• TASK INSTRUCTIONS
What are the lines from the top of the entries through the one with "world=origin(), true_north=direction((0.0, 1.0)))"? Write them out exactly, with no pictures.

[Items from a dataset]
::::::::

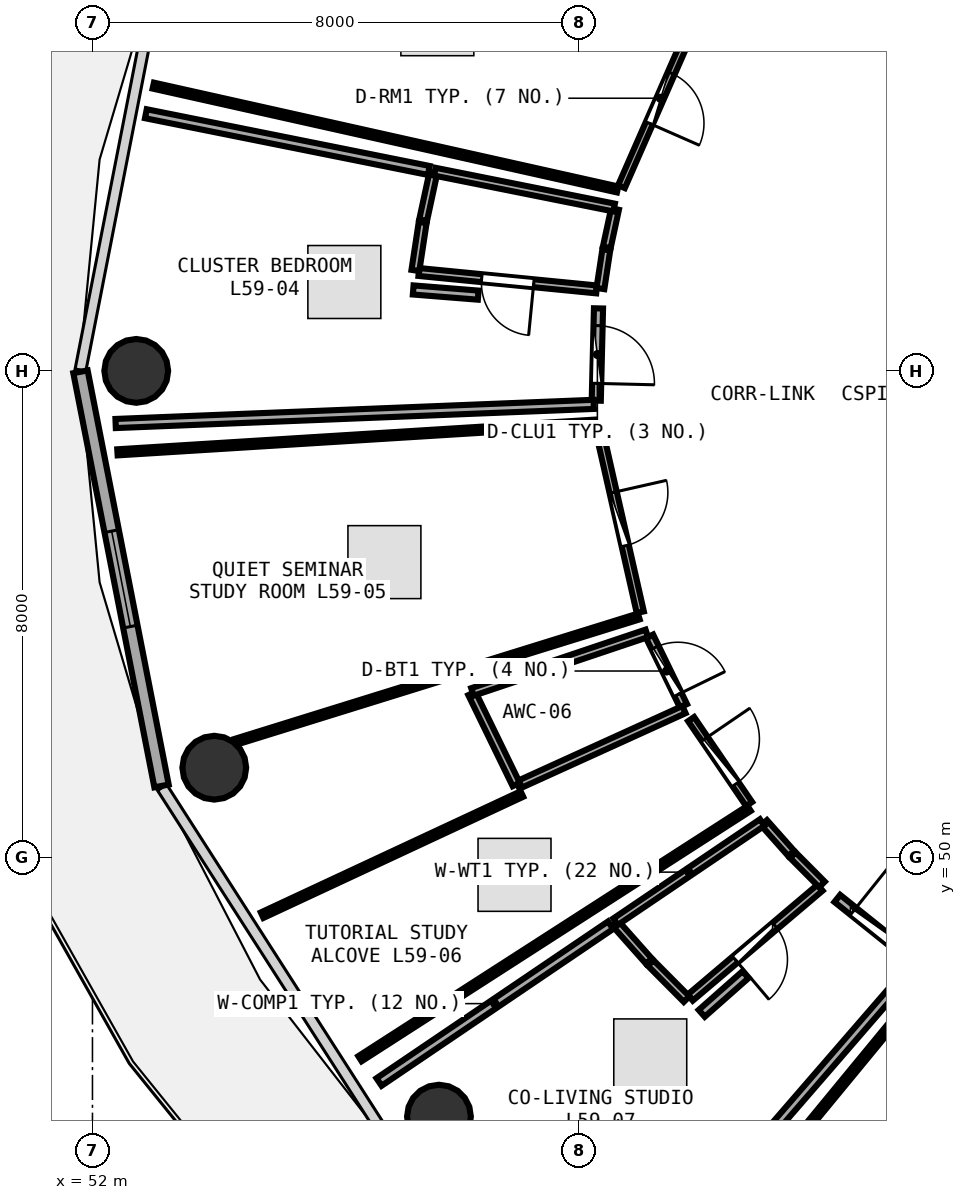
"""IFC4 building model, lengths in metres.
Left out: names, types, materials, properties, quantities, classifications, styles, units other than length and angle.
Written with IfcOpenShell. Run it as: python <this file> out.ifc"""

import sys

from ifc_helpers import new_model, si_unit, direction, frame, frame_2d, origin, origin_2d, place, context, subcontext, project, spatial, rectangle, circle, extrude, element, fill, save


model = new_model("IFC4")
c1 = context("Model", 3, precision=1e-05, world=origin(), true_north=direction((0.0, 1.0)))
c2 = subcontext(c1, "Body", "Model", "MODEL_VIEW")
j1 = project(units=[si_unit("LENGTHUNIT", "METRE"), si_unit("PLANEANGLEUNIT", "RADIAN")], contexts=[c1])
p1 = place(None, origin())
s1 = spatial("IfcSite", under=j1, at=p1, CompositionType="ELEMENT")
p2 = place(p1, origin())
s2 = spatial("IfcBuilding", under=s1, at=p2, CompositionType="ELEMENT")
p3 = place(p2, frame((0.0, 0.0, 230.7)))
s3 = spatial("IfcBuildingStorey", under=s2, at=p3, CompositionType="ELEMENT", Elevation=230.7)
for number, where, z_axis, x_axis in (
    (1, (52.72, 58.0, 0.0), (0.0, 0.0, 1.0), (1.0, 0.0, 0.0)),
    (2, (54.003, 51.474, 0.0), (0.0, 0.0, 1.0), (1.0, 0.0, 0.0)),
    (3, (57.698, 45.736, 0.0), (0.0, 0.0, 1.0), (1.0, 0.0, 0.0)),
):
    element("IfcColumn", number, at=place(p3, frame(where, z_axis=z_axis, x_axis=x_axis)), inside=s3, PredefinedType="COLUMN", context=c2, shape_type="SweptSolid", body=[
        extrude(circle(Radius=0.525, at=origin_2d()), origin(), (0.0, 0.0, 1.0), 3.75),
    ])
p4 = place(p3, frame((51.803, 57.985, 0.0), z_axis=(0.0, 0.0, 1.0), x_axis=(0.192069055673, -0.981381413036, 0.0)))
e4 = element("IfcWall", 4, at=p4, inside=s3, PredefinedType="SOLIDWALL", context=c2, shape_type="SweptSolid", body=[
    extrude(rectangle(XDim=6.94, YDim=0.24, at=frame_2d((3.47, 0.0))), origin(), (0.0, 0.0, 1.0), 3.475),
])
p5 = place(p4, frame((2.67, 0.0, 0.85)))
e5 = element("IfcOpeningElement", 5, at=p5, cuts=e4, PredefinedType="OPENING", context=c2, shape_type="SweptSolid", body=[
    extrude(rectangle(XDim=1.6, YDim=1.45, at=frame_2d((0.8, 0.725))), frame((0.0, 0.13, 0.0), z_axis=(0.0, -1.0, 0.0), x_axis=(1.0, 0.0, 0.0)), (0.0, 0.0, 1.0), 0.26),
])
p6 = place(p3, frame((61.976, 63.937, 0.0), z_axis=(0.0, 0.0, 1.0), x_axis=(-0.401802923717, -0.91572616567, 0.0)))
e6 = element("IfcWall", 6, at=p6, inside=s3, PredefinedType="PARTITIONING", context=c2, shape_type="SweptSolid", body=[
    extrude(rectangle(XDim=3.175, YDim=0.12, at=frame_2d((1.587, 0.0))), origin(), (0.0, 0.0, 1.0), 3.235),
])
p7 = place(p6, frame((1.137, 0.0, 0.0)))
e7 = element("IfcOpeningElement", 7, at=p7, cuts=e6, PredefinedType="OPENING", context=c2, shape_type="SweptSolid", body=[
    extrude(rectangle(XDim=0.9, YDim=2.08, at=frame_2d((0.45, 1.04))), frame((0.0, 0.07, 0.0), z_axis=(0.0, -1.0, 0.0), x_axis=(1.0, 0.0, 0.0)), (0.0, 0.0, 1.0), 0.14),
])
p8 = place(p3, frame((60.291, 59.34, 0.0), z_axis=(0.0, 0.0, 1.0), x_axis=(-0.995236750248, 0.097487491277, 0.0)))
e8 = element("IfcWall", 8, at=p8, inside=s3, PredefinedType="PLUMBINGWALL", context=c2, shape_type="SweptSolid", body=[
    extrude(rectangle(XDim=2.938, YDim=0.13, at=frame_2d((1.469, 0.0))), origin(), (0.0, 0.0, 1.0), 3.175),
])
p9 = place(p8, frame((1.039, 0.0, 0.0)))
e9 = element("IfcOpeningElement", 9, at=p9, cuts=e8, PredefinedType="OPENING", context=c2, shape_type="SweptSolid", body=[
    extrude(rectangle(XDim=0.86, YDim=2.05, at=frame_2d((0.43, 1.025))), frame((0.0, 0.075, 0.0), z_axis=(0.0, -1.0, 0.0), x_axis=(1.0, 0.0, 0.0)), (0.0, 0.0, 1.0), 0.15),
])
p10 = place(p3, frame((60.323, 59.028, 0.0), z_axis=(0.0, 0.0, 1.0), x_axis=(-0.024453580127, -0.999700966499, 0.0)))
e10 = element("IfcWall", 10, at=p10, inside=s3, PredefinedType="PARTITIONING", context=c2, shape_type="SweptSolid", body=[
    extrude(rectangle(XDim=1.518, YDim=0.15, at=frame_2d((0.759, 0.0))), origin(), (0.0, 0.0, 1.0), 3.025),
])
p11 = place(p10, frame((0.284, 0.0, 0.0)))
e11 = element("IfcOpeningElement", 11, at=p11, cuts=e10, PredefinedType="OPENING", context=c2, shape_type="SweptSolid", body=[
    extrude(rectangle(XDim=0.95, YDim=2.08, at=frame_2d((0.475, 1.04))), frame((0.0, 0.085, 0.0), z_axis=(0.0, -1.0, 0.0), x_axis=(1.0, 0.0, 0.0)), (0.0, 0.0, 1.0), 0.17),
])
p12 = place(p3, frame((60.316, 57.093, 0.0), z_axis=(0.0, 0.0, 1.0), x_axis=(0.22091500264, -0.975293064473, 0.0)))
e12 = element("IfcWall", 12, at=p12, inside=s3, PredefinedType="PARTITIONING", context=c2, shape_type="SweptSolid", body=[
    extrude(rectangle(XDim=3.139, YDim=0.12, at=frame_2d((1.569, 0.0))), origin(), (0.0, 0.0, 1.0), 3.48),
])
p13 = place(p12, frame((1.119, 0.0, 0.0)))
e13 = element("IfcOpeningElement", 13, at=p13, cuts=e12, PredefinedType="OPENING", context=c2, shape_type="SweptSolid", body=[
    extrude(rectangle(XDim=0.9, YDim=2.08, at=frame_2d((0.45, 1.04))), frame((0.0, 0.07, 0.0), z_axis=(0.0, -1.0, 0.0), x_axis=(1.0, 0.0, 0.0)), (0.0, 0.0, 1.0), 0.14),
])
p14 = place(p3, frame((61.162, 53.636, 0.0), z_axis=(0.0, 0.0, 1.0), x_axis=(0.437981349822, -0.898984058373, 0.0)))
e14 = element("IfcWall", 14, at=p14, inside=s3, PredefinedType="PLUMBINGWALL", context=c2, shape_type="SweptSolid", body=[
    extrude(rectangle(XDim=1.273, YDim=0.13, at=frame_2d((0.636, 0.0))), origin(), (0.0, 0.0, 1.0), 3.235),
])
p15 = place(p14, frame((0.206, 0.0, 0.0)))
e15 = element("IfcOpeningElement", 15, at=p15, cuts=e14, PredefinedType="OPENING", context=c2, shape_type="SweptSolid", body=[
    extrude(rectangle(XDim=0.86, YDim=2.05, at=frame_2d((0.43, 1.025))), frame((0.0, 0.075, 0.0), z_axis=(0.0, -1.0, 0.0), x_axis=(1.0, 0.0, 0.0)), (0.0, 0.0, 1.0), 0.15),
])
p16 = place(p3, frame((61.846, 52.273, 0.0), z_axis=(0.0, 0.0, 1.0), x_axis=(0.563860796601, -0.825869845712, 0.0)))
e16 = element("IfcWall", 16, at=p16, inside=s3, PredefinedType="PARTITIONING", context=c2, shape_type="SweptSolid", body=[
    extrude(rectangle(XDim=1.691, YDim=0.12, at=frame_2d((0.846, 0.0))), origin(), (0.0, 0.0, 1.0), 3.025),
])
p17 = place(p16, frame((0.396, 0.0, 0.0)))
e17 = element("IfcOpeningElement", 17, at=p17, cuts=e16, PredefinedType="OPENING", context=c2, shape_type="SweptSolid", body=[
    extrude(rectangle(XDim=0.9, YDim=2.08, at=frame_2d((0.45, 1.04))), frame((0.0, 0.07, 0.0), z_axis=(0.0, -1.0, 0.0), x_axis=(1.0, 0.0, 0.0)), (0.0, 0.0, 1.0), 0.14),
])
p18 = place(p3, frame((63.966, 49.501, 0.0), z_axis=(0.0, 0.0, 1.0), x_axis=(-0.763141339825, -0.646231611305, 0.0)))
e18 = element("IfcWall", 18, at=p18, inside=s3, PredefinedType="PLUMBINGWALL", context=c2, shape_type="SweptSolid", body=[
    extrude(rectangle(XDim=2.798, YDim=0.13, at=frame_2d((1.399, 0.0))), origin(), (0.0, 0.0, 1.0), 3.025),
])
p19 = place(p18, frame((0.969, 0.0, 0.0)))
e19 = element("IfcOpeningElement", 19, at=p19, cuts=e18, PredefinedType="OPENING", context=c2, shape_type="SweptSolid", body=[
    extrude(rectangle(XDim=0.86, YDim=2.05, at=frame_2d((0.43, 1.025))), frame((0.0, 0.075, 0.0), z_axis=(0.0, -1.0, 0.0), x_axis=(1.0, 0.0, 0.0)), (0.0, 0.0, 1.0), 0.15),
])
p20 = place(p3, frame((64.25, 49.324, 0.0), z_axis=(0.0, 0.0, 1.0), x_axis=(0.780560643324, -0.625080060547, 0.0)))
e20 = element("IfcWall", 20, at=p20, inside=s3, PredefinedType="PARTITIONING", context=c2, shape_type="SweptSolid", body=[
    extrude(rectangle(XDim=1.624, YDim=0.15, at=frame_2d((0.812, 0.0))), origin(), (0.0, 0.0, 1.0), 3.025),
])
p21 = place(p20, frame((0.337, 0.0, 0.0)))
e21 = element("IfcOpeningElement", 21, at=p21, cuts=e20, PredefinedType="OPENING", context=c2, shape_type="SweptSolid", body=[
    extrude(rectangle(XDim=0.95, YDim=2.08, at=frame_2d((0.475, 1.04))), frame((0.0, 0.085, 0.0), z_axis=(0.0, -1.0, 0.0), x_axis=(1.0, 0.0, 0.0)), (0.0, 0.0, 1.0), 0.17),
])
p22 = place(p3, frame((60.637, 60.984, 0.0), z_axis=(0.0, 0.0, 1.0), x_axis=(-0.97589770928, 0.218228460612, 0.0)))
e22 = element("IfcWall", 22, at=p22, inside=s3, PredefinedType="PARTITIONING", context=c2, shape_type="SweptSolid", body=[
    extrude(rectangle(XDim=7.826, YDim=0.1, at=frame_2d((3.913, 0.0))), origin(), (0.0, 0.0, 1.0), 3.075),
])
p23 = place(p3, frame((60.595, 60.663, 0.0), z_axis=(0.0, 0.0, 1.0), x_axis=(-0.211050082749, -0.977475249084, 0.0)))
e23 = element("IfcWall", 23, at=p23, inside=s3, PredefinedType="PLUMBINGWALL", context=c2, shape_type="SweptSolid", body=[
    extrude(rectangle(XDim=0.647, YDim=0.13, at=frame_2d((0.323, 0.0))), origin(), (0.0, 0.0, 1.0), 3.48),
])
p24 = place(p3, frame((60.451, 59.991, 0.0), z_axis=(0.0, 0.0, 1.0), x_axis=(-0.150321319766, -0.988637193729, 0.0)))
e24 = element("IfcWall", 24, at=p24, inside=s3, PredefinedType="PLUMBINGWALL", context=c2, shape_type="SweptSolid", body=[
    extrude(rectangle(XDim=0.645, YDim=0.13, at=frame_2d((0.322, 0.0))), origin(), (0.0, 0.0, 1.0), 3.48),
])
p25 = place(p3, frame((57.311, 59.652, 0.0), z_axis=(0.0, 0.0, 1.0), x_axis=(0.150331405734, 0.988635660114, 0.0)))
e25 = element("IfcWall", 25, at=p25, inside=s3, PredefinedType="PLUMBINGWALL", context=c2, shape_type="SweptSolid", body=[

::::::::

• REPLY
"""IFC4 building model, lengths in metres.
Left out: names, types, materials, properties, quantities, classifications, styles, units other than length and angle.
Written with IfcOpenShell. Run it as: python <this file> out.ifc"""

import sys

from ifc_helpers import new_model, si_unit, direction, frame, frame_2d, origin, origin_2d, place, context, subcontext, project, spatial, rectangle, circle, extrude, element, fill, save


model = new_model("IFC4")
c1 = context("Model", 3, precision=1e-05, world=origin(), true_north=direction((0.0, 1.0)))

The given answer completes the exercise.